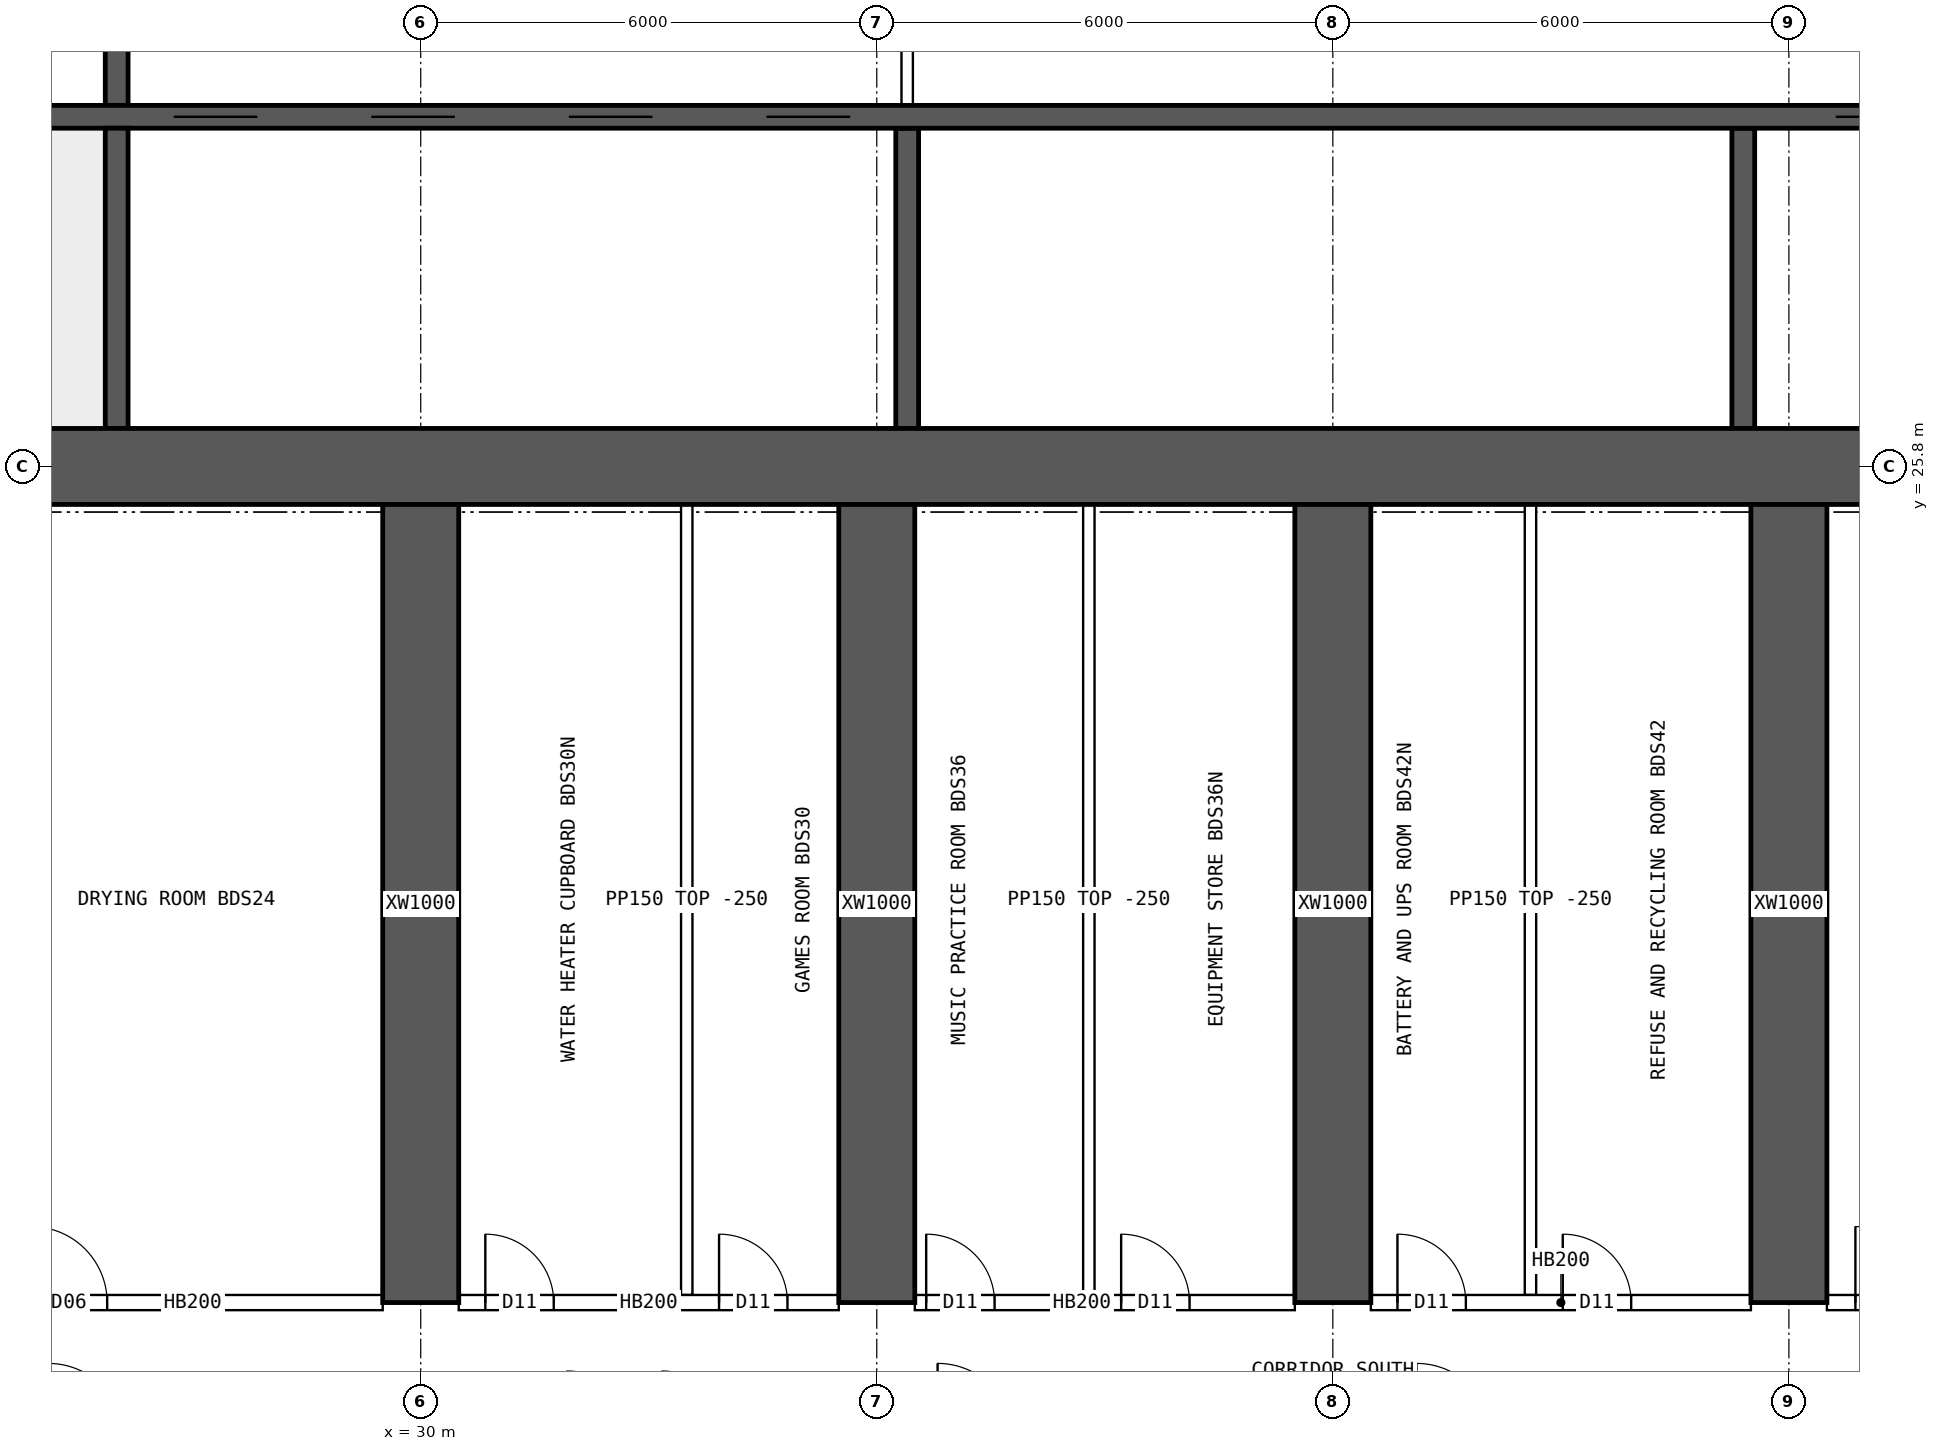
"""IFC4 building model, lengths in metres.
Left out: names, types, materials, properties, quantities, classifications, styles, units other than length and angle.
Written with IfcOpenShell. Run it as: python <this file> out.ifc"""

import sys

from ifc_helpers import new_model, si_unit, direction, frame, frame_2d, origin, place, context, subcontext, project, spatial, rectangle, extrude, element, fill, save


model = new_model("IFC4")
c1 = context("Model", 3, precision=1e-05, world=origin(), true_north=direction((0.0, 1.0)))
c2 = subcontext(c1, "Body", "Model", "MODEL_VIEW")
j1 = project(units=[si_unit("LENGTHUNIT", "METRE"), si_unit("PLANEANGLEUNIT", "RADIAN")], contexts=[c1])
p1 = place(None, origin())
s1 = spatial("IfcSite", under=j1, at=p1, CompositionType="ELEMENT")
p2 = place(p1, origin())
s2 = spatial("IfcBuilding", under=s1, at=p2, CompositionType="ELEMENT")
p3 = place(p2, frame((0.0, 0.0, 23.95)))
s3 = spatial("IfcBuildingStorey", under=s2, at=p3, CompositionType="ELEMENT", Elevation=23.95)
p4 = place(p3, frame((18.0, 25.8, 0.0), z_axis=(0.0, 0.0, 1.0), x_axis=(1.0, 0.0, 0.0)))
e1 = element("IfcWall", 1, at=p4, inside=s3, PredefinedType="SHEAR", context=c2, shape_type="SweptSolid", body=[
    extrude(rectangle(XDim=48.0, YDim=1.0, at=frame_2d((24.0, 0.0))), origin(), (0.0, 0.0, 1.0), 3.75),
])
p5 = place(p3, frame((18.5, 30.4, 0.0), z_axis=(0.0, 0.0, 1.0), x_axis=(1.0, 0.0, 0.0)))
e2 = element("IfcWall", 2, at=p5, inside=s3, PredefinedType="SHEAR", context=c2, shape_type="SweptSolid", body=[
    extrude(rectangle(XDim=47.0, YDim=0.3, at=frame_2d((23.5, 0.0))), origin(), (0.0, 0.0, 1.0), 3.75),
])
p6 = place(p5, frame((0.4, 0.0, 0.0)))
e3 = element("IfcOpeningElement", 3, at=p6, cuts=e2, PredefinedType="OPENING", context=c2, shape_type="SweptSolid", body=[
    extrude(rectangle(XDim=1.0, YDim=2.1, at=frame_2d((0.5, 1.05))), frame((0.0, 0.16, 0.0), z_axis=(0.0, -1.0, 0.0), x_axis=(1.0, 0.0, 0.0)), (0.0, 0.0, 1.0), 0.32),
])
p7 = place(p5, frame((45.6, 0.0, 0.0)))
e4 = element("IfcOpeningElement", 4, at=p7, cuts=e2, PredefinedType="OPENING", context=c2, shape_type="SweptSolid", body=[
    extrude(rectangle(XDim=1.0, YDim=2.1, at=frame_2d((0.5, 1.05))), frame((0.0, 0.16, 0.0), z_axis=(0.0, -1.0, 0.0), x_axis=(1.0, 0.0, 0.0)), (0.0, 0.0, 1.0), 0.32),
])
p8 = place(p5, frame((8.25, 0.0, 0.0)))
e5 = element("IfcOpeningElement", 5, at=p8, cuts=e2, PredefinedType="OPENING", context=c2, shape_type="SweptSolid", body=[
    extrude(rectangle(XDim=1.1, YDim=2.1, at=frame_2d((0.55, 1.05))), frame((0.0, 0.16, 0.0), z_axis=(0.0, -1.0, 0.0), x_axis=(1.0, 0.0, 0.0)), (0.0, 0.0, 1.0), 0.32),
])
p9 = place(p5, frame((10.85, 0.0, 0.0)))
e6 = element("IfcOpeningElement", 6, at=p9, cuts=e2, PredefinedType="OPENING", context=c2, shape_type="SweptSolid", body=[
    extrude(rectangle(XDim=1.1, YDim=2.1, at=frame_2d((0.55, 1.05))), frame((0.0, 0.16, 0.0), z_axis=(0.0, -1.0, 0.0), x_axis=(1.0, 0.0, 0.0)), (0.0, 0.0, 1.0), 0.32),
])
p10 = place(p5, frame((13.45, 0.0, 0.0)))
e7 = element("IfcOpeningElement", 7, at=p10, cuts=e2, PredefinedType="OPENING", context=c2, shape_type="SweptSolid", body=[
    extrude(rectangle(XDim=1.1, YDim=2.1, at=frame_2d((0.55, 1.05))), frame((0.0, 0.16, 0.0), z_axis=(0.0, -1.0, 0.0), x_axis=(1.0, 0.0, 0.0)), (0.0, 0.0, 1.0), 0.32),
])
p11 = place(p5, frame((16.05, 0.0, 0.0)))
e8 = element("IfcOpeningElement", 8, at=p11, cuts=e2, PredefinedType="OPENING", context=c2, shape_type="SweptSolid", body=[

========

**Problem**
From the first line to the last, write out the data above exactly. Omit the pictures.

**Solution**
"""IFC4 building model, lengths in metres.
Left out: names, types, materials, properties, quantities, classifications, styles, units other than length and angle.
Written with IfcOpenShell. Run it as: python <this file> out.ifc"""

import sys

from ifc_helpers import new_model, si_unit, direction, frame, frame_2d, origin, place, context, subcontext, project, spatial, rectangle, extrude, element, fill, save


model = new_model("IFC4")
c1 = context("Model", 3, precision=1e-05, world=origin(), true_north=direction((0.0, 1.0)))
c2 = subcontext(c1, "Body", "Model", "MODEL_VIEW")
j1 = project(units=[si_unit("LENGTHUNIT", "METRE"), si_unit("PLANEANGLEUNIT", "RADIAN")], contexts=[c1])
p1 = place(None, origin())
s1 = spatial("IfcSite", under=j1, at=p1, CompositionType="ELEMENT")
p2 = place(p1, origin())
s2 = spatial("IfcBuilding", under=s1, at=p2, CompositionType="ELEMENT")
p3 = place(p2, frame((0.0, 0.0, 23.95)))
s3 = spatial("IfcBuildingStorey", under=s2, at=p3, CompositionType="ELEMENT", Elevation=23.95)
p4 = place(p3, frame((18.0, 25.8, 0.0), z_axis=(0.0, 0.0, 1.0), x_axis=(1.0, 0.0, 0.0)))
e1 = element("IfcWall", 1, at=p4, inside=s3, PredefinedType="SHEAR", context=c2, shape_type="SweptSolid", body=[
    extrude(rectangle(XDim=48.0, YDim=1.0, at=frame_2d((24.0, 0.0))), origin(), (0.0, 0.0, 1.0), 3.75),
])
p5 = place(p3, frame((18.5, 30.4, 0.0), z_axis=(0.0, 0.0, 1.0), x_axis=(1.0, 0.0, 0.0)))
e2 = element("IfcWall", 2, at=p5, inside=s3, PredefinedType="SHEAR", context=c2, shape_type="SweptSolid", body=[
    extrude(rectangle(XDim=47.0, YDim=0.3, at=frame_2d((23.5, 0.0))), origin(), (0.0, 0.0, 1.0), 3.75),
])
p6 = place(p5, frame((0.4, 0.0, 0.0)))
e3 = element("IfcOpeningElement", 3, at=p6, cuts=e2, PredefinedType="OPENING", context=c2, shape_type="SweptSolid", body=[
    extrude(rectangle(XDim=1.0, YDim=2.1, at=frame_2d((0.5, 1.05))), frame((0.0, 0.16, 0.0), z_axis=(0.0, -1.0, 0.0), x_axis=(1.0, 0.0, 0.0)), (0.0, 0.0, 1.0), 0.32),
])
p7 = place(p5, frame((45.6, 0.0, 0.0)))
e4 = element("IfcOpeningElement", 4, at=p7, cuts=e2, PredefinedType="OPENING", context=c2, shape_type="SweptSolid", body=[
    extrude(rectangle(XDim=1.0, YDim=2.1, at=frame_2d((0.5, 1.05))), frame((0.0, 0.16, 0.0), z_axis=(0.0, -1.0, 0.0), x_axis=(1.0, 0.0, 0.0)), (0.0, 0.0, 1.0), 0.32),
])
p8 = place(p5, frame((8.25, 0.0, 0.0)))
e5 = element("IfcOpeningElement", 5, at=p8, cuts=e2, PredefinedType="OPENING", context=c2, shape_type="SweptSolid", body=[
    extrude(rectangle(XDim=1.1, YDim=2.1, at=frame_2d((0.55, 1.05))), frame((0.0, 0.16, 0.0), z_axis=(0.0, -1.0, 0.0), x_axis=(1.0, 0.0, 0.0)), (0.0, 0.0, 1.0), 0.32),
])
p9 = place(p5, frame((10.85, 0.0, 0.0)))
e6 = element("IfcOpeningElement", 6, at=p9, cuts=e2, PredefinedType="OPENING", context=c2, shape_type="SweptSolid", body=[
    extrude(rectangle(XDim=1.1, YDim=2.1, at=frame_2d((0.55, 1.05))), frame((0.0, 0.16, 0.0), z_axis=(0.0, -1.0, 0.0), x_axis=(1.0, 0.0, 0.0)), (0.0, 0.0, 1.0), 0.32),
])
p10 = place(p5, frame((13.45, 0.0, 0.0)))
e7 = element("IfcOpeningElement", 7, at=p10, cuts=e2, PredefinedType="OPENING", context=c2, shape_type="SweptSolid", body=[
    extrude(rectangle(XDim=1.1, YDim=2.1, at=frame_2d((0.55, 1.05))), frame((0.0, 0.16, 0.0), z_axis=(0.0, -1.0, 0.0), x_axis=(1.0, 0.0, 0.0)), (0.0, 0.0, 1.0), 0.32),
])
p11 = place(p5, frame((16.05, 0.0, 0.0)))
e8 = element("IfcOpeningElement", 8, at=p11, cuts=e2, PredefinedType="OPENING", context=c2, shape_type="SweptSolid", body=[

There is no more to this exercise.